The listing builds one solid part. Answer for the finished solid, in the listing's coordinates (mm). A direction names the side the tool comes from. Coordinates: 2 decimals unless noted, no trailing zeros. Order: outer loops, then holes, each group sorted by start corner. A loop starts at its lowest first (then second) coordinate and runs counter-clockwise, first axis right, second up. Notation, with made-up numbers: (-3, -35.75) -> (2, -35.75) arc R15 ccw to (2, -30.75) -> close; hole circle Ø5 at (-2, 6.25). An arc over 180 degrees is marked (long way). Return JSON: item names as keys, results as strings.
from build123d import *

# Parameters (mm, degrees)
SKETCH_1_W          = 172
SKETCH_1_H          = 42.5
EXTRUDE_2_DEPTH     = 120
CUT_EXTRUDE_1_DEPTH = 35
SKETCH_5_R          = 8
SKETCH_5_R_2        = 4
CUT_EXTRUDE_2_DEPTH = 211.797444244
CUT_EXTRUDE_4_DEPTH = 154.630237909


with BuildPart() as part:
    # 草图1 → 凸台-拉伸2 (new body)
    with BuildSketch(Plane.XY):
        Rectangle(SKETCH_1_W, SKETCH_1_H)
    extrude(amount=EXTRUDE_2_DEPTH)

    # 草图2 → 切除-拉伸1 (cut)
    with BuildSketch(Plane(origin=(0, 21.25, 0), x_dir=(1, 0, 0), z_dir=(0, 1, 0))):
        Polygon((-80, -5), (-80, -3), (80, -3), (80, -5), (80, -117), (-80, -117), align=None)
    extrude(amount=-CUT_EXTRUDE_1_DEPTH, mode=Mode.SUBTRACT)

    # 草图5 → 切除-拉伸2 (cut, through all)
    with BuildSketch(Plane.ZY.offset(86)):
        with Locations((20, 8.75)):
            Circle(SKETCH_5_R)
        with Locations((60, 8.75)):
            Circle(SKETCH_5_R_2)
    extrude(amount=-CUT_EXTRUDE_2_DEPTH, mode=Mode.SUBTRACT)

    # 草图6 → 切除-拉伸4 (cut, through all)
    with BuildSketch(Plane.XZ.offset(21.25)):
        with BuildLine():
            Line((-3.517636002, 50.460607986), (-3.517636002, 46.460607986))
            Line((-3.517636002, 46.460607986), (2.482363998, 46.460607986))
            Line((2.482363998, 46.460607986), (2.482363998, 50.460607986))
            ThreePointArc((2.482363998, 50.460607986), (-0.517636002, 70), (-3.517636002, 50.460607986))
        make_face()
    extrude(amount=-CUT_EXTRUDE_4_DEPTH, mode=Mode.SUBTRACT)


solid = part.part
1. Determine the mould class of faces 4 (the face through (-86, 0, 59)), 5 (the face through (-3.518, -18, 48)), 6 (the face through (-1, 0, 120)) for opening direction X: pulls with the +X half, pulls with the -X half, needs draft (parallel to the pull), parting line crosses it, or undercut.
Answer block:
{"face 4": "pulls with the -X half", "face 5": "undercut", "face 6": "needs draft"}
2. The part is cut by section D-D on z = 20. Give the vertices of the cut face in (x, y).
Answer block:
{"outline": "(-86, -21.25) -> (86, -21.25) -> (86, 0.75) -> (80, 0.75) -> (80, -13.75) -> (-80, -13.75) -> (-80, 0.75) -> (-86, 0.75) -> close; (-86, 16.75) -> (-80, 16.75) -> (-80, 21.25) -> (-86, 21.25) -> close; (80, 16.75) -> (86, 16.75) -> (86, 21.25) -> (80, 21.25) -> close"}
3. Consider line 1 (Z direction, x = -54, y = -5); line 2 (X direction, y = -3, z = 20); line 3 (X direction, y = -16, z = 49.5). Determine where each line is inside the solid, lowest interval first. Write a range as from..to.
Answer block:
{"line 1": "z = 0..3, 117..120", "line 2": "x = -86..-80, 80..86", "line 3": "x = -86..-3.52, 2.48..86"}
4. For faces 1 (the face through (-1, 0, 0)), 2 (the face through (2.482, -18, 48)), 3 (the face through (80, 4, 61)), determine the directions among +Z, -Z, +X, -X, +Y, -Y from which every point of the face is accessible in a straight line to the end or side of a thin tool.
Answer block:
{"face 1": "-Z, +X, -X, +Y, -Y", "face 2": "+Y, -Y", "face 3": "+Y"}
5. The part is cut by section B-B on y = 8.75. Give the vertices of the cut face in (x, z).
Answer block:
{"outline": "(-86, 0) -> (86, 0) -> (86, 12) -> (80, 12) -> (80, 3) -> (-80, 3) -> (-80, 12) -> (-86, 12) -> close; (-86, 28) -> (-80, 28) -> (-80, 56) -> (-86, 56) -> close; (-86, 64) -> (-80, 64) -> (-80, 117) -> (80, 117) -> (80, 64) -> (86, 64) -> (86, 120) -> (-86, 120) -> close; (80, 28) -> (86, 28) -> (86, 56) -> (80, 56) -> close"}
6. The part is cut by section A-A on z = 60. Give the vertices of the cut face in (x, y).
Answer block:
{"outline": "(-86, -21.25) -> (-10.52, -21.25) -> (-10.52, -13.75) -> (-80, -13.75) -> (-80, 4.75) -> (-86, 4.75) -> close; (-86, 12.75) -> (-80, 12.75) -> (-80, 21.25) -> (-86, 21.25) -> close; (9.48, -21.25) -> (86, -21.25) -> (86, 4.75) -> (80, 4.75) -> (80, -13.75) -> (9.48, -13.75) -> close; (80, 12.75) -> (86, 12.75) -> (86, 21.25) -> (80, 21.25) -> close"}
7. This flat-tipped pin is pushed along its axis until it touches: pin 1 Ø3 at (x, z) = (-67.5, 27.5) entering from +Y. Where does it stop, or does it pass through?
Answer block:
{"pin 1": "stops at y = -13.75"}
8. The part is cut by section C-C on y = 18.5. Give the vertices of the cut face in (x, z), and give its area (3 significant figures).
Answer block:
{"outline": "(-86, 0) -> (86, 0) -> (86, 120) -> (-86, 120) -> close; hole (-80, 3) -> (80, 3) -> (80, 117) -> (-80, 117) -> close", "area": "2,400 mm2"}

--

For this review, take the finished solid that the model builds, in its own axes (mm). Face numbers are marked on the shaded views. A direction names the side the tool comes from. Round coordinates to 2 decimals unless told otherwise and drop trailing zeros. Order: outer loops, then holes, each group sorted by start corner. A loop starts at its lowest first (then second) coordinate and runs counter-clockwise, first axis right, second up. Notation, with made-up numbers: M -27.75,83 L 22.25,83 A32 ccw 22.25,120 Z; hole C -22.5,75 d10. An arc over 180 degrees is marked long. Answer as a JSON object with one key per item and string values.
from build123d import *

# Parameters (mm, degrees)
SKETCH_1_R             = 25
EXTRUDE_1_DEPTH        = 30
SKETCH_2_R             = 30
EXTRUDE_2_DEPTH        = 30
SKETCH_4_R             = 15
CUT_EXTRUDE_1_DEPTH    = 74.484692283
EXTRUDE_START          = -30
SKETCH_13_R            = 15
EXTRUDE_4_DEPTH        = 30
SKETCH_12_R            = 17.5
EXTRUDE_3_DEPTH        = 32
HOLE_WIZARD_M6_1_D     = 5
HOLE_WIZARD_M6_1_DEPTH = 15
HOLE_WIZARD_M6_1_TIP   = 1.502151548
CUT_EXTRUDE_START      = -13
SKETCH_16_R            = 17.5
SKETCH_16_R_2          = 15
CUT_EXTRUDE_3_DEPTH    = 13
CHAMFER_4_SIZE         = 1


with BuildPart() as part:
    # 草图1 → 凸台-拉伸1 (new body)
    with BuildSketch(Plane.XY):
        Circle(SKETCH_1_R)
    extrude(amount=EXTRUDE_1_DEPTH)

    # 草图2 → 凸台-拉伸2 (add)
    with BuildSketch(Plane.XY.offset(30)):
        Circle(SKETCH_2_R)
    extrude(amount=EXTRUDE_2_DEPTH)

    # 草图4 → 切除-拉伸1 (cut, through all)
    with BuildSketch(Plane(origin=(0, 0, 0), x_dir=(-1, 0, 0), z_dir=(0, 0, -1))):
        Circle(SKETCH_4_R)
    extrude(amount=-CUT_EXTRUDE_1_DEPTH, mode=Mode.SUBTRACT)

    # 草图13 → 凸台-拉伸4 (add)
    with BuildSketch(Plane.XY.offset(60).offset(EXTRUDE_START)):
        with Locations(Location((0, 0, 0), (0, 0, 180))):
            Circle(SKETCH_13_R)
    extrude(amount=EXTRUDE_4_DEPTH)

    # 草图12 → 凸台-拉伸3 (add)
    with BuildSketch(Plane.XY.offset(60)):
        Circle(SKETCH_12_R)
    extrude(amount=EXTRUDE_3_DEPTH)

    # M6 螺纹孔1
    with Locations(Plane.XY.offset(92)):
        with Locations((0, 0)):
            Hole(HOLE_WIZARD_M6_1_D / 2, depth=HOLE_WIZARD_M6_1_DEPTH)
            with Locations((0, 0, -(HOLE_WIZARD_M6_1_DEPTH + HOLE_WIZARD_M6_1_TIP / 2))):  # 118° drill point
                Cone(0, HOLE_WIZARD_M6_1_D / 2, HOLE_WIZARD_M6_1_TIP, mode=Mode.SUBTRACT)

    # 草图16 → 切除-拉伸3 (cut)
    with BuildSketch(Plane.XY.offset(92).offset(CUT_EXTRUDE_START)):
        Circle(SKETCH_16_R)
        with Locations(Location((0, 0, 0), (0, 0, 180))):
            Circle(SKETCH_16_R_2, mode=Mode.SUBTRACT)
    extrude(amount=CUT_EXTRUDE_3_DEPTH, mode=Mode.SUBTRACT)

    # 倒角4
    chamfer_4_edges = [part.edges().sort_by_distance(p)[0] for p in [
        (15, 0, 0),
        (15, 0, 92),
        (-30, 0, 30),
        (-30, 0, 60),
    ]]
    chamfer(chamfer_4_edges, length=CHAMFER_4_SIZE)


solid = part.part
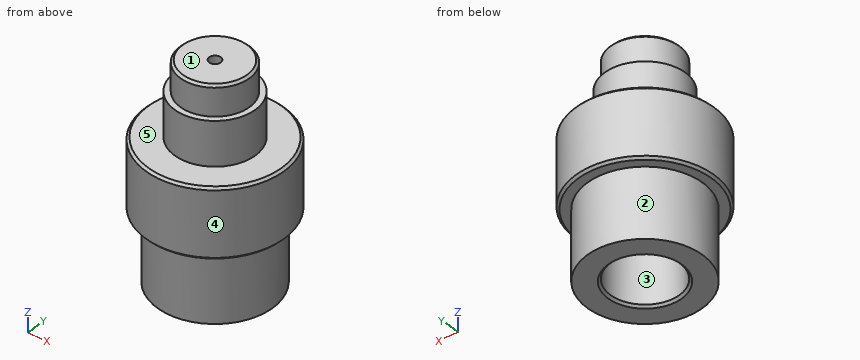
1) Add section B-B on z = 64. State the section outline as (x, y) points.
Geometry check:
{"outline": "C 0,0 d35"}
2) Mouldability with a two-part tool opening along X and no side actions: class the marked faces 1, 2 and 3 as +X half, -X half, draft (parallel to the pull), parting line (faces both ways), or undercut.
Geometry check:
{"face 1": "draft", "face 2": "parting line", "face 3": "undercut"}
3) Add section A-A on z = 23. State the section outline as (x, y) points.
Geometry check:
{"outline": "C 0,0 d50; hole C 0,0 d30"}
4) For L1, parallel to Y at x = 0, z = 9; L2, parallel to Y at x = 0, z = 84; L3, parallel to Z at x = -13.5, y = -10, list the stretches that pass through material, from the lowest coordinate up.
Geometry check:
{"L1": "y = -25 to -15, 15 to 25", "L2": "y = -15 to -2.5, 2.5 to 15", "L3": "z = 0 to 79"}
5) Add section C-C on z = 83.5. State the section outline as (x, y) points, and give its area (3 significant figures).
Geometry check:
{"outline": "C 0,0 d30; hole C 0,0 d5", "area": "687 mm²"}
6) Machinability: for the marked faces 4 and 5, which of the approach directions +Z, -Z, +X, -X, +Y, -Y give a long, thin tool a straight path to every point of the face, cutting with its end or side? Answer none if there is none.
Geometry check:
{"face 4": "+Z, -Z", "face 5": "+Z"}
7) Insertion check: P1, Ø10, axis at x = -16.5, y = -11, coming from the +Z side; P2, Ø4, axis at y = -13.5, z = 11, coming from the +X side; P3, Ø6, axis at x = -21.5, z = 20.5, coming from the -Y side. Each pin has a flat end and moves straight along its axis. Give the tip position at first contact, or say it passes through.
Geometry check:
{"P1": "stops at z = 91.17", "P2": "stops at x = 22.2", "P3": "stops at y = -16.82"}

* _TASK STATEMENT_
For this task, write out exactly the lines of the entries above, starting at the line with "0,0 d50; hole" and ending at the line with "6) Machinability: for", both included, and no others.

* _ANSWER AREA_
{"outline": "C 0,0 d50; hole C 0,0 d30"}
4) For L1, parallel to Y at x = 0, z = 9; L2, parallel to Y at x = 0, z = 84; L3, parallel to Z at x = -13.5, y = -10, list the stretches that pass through material, from the lowest coordinate up.
Geometry check:
{"L1": "y = -25 to -15, 15 to 25", "L2": "y = -15 to -2.5, 2.5 to 15", "L3": "z = 0 to 79"}
5) Add section C-C on z = 83.5. State the section outline as (x, y) points, and give its area (3 significant figures).
Geometry check:
{"outline": "C 0,0 d30; hole C 0,0 d5", "area": "687 mm²"}
6) Machinability: for the marked faces 4 and 5, which of the approach directions +Z, -Z, +X, -X, +Y, -Y give a long, thin tool a straight path to every point of the face, cutting with its end or side? Answer none if there is none.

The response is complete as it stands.